DIRECTIONS FOR THIS TASK:
Write out again only the lines that run from the start of the entries to the line containing "p2 = place(p1, origin())", both included.

EXTRACTED MATERIAL:
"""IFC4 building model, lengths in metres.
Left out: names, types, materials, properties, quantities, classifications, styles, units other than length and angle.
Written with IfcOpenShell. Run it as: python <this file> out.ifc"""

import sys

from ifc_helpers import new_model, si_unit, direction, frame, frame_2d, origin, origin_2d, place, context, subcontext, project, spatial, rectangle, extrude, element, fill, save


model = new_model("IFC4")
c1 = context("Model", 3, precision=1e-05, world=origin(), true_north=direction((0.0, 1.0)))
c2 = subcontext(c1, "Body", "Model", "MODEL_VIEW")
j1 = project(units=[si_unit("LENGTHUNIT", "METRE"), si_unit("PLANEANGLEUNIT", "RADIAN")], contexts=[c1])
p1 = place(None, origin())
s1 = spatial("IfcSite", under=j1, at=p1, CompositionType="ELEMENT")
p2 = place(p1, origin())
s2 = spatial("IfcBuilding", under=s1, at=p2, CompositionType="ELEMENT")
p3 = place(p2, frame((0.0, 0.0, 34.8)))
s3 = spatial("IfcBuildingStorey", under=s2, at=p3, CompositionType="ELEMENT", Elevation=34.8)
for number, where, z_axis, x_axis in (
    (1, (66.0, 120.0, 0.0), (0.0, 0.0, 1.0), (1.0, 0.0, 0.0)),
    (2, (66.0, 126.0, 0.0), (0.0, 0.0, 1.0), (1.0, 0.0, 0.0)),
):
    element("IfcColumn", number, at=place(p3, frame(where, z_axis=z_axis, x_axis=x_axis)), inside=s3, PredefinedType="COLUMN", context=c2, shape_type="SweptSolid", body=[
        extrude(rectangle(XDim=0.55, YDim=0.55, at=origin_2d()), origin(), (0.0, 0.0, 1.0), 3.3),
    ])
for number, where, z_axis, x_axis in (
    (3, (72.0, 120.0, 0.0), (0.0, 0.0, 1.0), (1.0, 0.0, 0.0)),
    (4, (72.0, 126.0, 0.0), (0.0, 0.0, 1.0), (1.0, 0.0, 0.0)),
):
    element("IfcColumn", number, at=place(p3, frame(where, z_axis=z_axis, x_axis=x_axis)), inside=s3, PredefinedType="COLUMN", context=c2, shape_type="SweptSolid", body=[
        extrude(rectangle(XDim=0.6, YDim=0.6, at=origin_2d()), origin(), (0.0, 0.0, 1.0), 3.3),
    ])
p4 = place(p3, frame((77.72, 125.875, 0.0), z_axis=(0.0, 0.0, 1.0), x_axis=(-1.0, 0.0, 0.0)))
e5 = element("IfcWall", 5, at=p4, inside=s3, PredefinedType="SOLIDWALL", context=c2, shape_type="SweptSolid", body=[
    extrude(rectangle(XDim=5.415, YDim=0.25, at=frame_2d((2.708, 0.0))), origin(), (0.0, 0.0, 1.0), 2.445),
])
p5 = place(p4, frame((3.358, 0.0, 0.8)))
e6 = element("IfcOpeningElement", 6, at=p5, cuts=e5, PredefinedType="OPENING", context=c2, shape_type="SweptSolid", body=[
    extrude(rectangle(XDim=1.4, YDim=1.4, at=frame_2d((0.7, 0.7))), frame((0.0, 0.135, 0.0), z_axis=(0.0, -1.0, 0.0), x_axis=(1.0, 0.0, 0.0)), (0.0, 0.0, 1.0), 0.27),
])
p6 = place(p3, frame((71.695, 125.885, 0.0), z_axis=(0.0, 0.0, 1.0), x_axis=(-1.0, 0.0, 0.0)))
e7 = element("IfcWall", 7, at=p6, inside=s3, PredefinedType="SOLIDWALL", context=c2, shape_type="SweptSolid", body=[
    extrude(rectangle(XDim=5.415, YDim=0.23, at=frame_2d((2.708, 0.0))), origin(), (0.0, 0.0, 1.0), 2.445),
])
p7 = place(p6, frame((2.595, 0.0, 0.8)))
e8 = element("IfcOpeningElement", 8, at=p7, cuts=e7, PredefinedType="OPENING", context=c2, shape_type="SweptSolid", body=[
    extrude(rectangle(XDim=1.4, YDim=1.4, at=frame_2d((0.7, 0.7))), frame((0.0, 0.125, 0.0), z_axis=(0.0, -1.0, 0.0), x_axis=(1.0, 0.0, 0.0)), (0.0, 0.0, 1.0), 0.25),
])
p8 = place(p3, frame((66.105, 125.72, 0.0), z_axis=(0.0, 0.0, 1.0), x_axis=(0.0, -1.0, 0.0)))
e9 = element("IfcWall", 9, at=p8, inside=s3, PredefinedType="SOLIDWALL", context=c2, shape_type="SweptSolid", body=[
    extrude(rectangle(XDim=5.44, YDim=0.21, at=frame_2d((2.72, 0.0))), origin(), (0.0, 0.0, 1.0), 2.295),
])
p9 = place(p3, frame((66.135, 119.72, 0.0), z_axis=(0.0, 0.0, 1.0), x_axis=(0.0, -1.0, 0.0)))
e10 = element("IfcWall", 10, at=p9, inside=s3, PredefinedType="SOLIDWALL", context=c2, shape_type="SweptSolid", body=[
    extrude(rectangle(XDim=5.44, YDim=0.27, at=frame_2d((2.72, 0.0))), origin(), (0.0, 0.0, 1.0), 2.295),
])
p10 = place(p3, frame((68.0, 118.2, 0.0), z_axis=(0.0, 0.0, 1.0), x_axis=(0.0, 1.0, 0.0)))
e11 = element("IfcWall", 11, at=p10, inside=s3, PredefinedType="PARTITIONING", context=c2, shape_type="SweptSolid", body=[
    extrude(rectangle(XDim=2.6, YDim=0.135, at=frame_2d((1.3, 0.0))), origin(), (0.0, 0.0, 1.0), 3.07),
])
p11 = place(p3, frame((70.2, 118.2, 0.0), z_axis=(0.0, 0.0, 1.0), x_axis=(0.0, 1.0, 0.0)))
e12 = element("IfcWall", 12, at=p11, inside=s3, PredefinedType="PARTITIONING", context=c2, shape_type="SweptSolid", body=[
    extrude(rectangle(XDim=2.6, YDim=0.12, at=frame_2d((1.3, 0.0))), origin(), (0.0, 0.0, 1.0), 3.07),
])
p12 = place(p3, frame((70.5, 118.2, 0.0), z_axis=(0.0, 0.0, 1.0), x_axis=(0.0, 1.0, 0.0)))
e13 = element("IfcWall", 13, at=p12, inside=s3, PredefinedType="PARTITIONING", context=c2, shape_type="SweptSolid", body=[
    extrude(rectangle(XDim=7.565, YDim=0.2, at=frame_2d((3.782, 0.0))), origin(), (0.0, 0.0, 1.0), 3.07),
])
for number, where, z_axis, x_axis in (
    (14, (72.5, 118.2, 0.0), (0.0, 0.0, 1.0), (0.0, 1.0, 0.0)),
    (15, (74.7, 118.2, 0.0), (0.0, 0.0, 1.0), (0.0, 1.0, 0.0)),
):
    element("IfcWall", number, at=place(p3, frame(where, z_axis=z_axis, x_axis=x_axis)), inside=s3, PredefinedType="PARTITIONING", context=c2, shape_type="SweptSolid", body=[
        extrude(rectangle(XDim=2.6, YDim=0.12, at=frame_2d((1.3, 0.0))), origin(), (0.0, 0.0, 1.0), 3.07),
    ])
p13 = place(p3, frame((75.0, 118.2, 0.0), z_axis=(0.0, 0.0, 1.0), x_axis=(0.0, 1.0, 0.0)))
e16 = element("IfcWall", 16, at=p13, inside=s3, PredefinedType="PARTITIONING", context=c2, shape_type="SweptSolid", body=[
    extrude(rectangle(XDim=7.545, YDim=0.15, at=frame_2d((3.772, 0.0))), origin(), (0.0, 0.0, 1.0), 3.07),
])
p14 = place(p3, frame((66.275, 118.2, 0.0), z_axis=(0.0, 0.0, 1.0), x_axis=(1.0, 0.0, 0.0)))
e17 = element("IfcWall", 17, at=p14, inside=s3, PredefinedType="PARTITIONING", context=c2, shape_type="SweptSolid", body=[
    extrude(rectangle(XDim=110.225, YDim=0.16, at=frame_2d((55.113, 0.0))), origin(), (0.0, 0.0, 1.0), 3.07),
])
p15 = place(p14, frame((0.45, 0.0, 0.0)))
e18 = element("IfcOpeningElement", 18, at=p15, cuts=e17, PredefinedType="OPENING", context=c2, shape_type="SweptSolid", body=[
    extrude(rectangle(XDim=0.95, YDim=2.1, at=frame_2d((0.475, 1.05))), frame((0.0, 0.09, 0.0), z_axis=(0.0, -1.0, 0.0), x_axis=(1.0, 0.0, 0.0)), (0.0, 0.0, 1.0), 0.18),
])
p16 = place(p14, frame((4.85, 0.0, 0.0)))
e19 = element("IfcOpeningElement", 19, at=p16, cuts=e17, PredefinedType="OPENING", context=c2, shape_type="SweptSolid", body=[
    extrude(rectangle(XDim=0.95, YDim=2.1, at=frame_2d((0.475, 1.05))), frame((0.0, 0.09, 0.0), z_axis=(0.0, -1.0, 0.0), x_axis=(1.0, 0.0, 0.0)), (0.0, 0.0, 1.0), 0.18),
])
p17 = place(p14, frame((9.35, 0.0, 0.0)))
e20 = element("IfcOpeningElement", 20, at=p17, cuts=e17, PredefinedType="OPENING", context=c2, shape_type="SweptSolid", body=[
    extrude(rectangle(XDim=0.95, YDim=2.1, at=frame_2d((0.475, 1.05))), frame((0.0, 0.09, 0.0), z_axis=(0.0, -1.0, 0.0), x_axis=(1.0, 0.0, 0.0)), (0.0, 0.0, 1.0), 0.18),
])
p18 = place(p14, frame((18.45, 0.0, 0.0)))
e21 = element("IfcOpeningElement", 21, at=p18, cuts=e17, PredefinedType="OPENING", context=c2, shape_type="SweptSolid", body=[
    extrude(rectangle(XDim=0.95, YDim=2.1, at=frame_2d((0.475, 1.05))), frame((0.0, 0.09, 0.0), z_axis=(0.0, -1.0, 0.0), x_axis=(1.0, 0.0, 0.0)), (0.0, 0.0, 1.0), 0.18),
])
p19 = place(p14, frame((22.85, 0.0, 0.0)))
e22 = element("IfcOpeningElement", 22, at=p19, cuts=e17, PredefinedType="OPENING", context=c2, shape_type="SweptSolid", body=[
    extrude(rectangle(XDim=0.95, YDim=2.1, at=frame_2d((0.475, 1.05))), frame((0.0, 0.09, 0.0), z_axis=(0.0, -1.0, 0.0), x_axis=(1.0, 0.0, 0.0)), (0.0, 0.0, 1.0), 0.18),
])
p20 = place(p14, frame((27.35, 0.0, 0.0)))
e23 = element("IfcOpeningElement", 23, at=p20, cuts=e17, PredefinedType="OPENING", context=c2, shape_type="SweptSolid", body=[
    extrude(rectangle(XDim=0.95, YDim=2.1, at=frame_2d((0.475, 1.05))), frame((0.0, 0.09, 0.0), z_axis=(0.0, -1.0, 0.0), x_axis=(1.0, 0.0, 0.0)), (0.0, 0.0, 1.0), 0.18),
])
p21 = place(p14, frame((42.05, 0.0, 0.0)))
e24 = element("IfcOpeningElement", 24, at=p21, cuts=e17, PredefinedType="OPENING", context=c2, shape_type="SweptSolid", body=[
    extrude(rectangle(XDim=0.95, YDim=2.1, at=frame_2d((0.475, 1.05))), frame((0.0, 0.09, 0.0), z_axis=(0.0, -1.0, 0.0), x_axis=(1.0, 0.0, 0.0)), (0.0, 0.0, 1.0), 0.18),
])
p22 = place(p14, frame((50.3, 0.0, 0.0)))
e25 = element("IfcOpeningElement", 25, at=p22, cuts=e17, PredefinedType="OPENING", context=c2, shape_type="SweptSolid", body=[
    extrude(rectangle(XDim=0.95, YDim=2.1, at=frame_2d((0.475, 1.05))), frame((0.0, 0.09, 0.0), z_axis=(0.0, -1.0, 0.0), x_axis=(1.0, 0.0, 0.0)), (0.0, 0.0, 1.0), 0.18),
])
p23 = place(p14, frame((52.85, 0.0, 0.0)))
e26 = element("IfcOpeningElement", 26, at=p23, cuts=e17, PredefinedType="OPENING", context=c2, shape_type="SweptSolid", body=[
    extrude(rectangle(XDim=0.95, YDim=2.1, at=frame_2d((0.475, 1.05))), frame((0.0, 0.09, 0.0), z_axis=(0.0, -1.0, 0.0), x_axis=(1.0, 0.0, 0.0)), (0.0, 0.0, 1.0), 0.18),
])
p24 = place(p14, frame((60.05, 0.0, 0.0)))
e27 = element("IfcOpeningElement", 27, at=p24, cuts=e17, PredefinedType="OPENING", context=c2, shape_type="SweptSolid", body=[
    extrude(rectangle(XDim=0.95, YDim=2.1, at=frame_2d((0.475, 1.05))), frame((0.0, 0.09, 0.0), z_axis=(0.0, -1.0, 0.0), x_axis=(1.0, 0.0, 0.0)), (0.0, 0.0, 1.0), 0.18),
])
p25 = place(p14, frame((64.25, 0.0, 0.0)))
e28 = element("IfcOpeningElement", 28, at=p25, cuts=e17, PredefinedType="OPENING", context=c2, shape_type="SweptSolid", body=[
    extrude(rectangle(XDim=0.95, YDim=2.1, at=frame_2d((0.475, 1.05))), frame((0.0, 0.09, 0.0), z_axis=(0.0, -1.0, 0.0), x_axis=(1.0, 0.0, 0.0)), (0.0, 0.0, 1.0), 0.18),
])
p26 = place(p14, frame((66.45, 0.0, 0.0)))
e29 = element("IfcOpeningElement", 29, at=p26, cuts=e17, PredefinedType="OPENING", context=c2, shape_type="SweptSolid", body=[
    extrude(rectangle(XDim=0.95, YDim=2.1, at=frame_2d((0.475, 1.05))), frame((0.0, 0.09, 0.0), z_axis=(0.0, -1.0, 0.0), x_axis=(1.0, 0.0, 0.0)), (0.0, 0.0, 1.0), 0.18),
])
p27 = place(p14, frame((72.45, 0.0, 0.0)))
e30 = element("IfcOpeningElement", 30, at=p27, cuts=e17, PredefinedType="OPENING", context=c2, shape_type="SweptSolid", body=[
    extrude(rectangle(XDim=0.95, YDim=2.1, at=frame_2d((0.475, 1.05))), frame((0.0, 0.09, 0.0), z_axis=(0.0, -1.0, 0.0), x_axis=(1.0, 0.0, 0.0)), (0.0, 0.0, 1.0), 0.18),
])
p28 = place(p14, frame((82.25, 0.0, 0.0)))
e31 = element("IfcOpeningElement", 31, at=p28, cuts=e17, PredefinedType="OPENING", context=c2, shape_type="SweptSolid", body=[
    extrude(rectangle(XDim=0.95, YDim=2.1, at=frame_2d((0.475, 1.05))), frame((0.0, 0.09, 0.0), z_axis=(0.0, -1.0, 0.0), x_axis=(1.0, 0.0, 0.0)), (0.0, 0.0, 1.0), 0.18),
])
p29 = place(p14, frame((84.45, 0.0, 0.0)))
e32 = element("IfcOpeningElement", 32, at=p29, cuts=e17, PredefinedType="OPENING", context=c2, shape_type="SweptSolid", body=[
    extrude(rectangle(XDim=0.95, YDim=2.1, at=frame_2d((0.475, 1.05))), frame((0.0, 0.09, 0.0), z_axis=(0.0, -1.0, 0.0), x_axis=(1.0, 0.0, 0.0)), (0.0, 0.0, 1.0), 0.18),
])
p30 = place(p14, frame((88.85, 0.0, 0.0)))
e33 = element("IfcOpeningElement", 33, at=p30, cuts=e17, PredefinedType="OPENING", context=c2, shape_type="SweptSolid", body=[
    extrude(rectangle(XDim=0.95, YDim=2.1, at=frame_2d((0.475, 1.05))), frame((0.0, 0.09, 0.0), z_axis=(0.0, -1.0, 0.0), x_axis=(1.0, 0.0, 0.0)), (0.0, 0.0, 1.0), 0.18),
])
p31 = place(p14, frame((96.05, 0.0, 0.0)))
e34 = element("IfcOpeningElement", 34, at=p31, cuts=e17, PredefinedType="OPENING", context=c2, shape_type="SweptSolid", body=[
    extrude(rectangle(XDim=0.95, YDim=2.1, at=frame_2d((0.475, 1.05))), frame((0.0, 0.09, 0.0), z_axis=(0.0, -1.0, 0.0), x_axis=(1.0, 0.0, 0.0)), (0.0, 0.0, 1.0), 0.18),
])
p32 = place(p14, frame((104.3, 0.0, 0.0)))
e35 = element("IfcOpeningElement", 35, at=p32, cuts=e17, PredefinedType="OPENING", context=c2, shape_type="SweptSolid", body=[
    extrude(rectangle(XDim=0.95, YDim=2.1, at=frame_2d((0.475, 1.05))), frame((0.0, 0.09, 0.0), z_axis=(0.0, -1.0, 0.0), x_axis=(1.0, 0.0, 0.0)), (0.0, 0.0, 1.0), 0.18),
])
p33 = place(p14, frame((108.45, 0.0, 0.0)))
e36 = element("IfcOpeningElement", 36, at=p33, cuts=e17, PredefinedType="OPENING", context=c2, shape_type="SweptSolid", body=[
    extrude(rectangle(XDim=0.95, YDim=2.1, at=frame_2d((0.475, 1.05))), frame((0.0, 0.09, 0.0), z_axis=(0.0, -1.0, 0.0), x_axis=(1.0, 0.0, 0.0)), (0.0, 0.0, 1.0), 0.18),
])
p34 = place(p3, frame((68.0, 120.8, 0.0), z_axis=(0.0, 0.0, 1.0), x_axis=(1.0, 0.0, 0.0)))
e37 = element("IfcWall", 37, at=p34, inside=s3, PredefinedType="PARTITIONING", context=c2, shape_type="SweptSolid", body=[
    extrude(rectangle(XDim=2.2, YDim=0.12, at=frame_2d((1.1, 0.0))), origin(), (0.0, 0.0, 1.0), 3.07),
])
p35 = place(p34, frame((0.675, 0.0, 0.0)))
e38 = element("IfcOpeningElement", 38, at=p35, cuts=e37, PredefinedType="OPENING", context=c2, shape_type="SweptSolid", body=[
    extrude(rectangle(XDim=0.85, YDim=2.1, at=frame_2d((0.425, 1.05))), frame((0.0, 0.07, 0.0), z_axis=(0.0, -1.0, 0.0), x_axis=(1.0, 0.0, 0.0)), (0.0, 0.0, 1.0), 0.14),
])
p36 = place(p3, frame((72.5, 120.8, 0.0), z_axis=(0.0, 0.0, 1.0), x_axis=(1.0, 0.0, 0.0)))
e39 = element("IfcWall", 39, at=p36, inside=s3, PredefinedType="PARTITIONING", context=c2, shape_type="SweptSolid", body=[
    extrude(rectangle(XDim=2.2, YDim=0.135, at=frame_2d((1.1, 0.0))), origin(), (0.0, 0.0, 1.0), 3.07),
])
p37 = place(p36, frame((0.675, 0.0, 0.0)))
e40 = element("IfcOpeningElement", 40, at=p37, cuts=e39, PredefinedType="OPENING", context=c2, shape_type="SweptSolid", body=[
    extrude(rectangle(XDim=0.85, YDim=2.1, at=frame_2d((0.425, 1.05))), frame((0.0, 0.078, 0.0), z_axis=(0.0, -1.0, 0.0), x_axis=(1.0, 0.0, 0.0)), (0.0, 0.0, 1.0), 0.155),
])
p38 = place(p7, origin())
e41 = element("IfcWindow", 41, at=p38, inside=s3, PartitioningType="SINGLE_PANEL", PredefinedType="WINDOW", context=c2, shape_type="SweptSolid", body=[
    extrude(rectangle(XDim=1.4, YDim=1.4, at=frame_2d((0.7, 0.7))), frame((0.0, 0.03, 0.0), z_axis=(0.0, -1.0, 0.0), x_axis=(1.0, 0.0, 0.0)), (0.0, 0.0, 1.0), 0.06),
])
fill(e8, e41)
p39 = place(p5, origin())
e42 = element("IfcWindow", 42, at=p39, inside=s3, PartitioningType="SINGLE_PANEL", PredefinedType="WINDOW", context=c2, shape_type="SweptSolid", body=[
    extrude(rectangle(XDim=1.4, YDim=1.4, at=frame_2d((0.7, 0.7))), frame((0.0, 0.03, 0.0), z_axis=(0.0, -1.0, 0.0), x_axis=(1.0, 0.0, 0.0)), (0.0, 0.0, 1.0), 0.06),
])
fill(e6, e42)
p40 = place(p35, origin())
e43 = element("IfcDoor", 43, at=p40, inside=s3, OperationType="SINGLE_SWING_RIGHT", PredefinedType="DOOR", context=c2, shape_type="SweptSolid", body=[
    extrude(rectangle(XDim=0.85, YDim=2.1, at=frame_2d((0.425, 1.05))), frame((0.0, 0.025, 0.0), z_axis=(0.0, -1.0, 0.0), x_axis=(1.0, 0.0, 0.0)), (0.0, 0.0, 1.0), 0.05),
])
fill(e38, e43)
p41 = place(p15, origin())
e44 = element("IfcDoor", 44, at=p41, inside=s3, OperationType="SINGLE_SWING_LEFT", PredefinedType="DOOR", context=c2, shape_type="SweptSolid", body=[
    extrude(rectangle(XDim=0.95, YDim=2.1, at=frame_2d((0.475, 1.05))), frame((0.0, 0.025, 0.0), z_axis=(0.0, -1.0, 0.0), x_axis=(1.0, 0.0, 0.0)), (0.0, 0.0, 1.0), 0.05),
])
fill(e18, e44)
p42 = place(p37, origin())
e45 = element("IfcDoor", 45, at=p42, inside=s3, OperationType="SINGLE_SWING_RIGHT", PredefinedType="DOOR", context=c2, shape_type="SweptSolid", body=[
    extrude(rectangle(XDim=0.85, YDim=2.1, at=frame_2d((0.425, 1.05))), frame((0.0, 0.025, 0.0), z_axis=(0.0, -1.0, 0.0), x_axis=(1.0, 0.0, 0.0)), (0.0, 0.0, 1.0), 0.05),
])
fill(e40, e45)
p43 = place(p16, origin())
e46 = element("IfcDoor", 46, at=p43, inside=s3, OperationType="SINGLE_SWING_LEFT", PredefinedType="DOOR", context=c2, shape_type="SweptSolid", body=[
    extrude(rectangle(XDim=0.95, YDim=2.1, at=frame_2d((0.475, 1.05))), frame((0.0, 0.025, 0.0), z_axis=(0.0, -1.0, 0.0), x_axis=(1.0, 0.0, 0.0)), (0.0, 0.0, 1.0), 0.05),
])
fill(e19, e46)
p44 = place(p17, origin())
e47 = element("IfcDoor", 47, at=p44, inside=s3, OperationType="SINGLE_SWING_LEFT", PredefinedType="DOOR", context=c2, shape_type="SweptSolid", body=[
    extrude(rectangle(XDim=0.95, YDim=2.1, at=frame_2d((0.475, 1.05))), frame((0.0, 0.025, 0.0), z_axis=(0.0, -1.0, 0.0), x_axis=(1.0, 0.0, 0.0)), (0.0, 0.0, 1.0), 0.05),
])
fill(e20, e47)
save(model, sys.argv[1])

COMPLETED TASK:
"""IFC4 building model, lengths in metres.
Left out: names, types, materials, properties, quantities, classifications, styles, units other than length and angle.
Written with IfcOpenShell. Run it as: python <this file> out.ifc"""

import sys

from ifc_helpers import new_model, si_unit, direction, frame, frame_2d, origin, origin_2d, place, context, subcontext, project, spatial, rectangle, extrude, element, fill, save


model = new_model("IFC4")
c1 = context("Model", 3, precision=1e-05, world=origin(), true_north=direction((0.0, 1.0)))
c2 = subcontext(c1, "Body", "Model", "MODEL_VIEW")
j1 = project(units=[si_unit("LENGTHUNIT", "METRE"), si_unit("PLANEANGLEUNIT", "RADIAN")], contexts=[c1])
p1 = place(None, origin())
s1 = spatial("IfcSite", under=j1, at=p1, CompositionType="ELEMENT")
p2 = place(p1, origin())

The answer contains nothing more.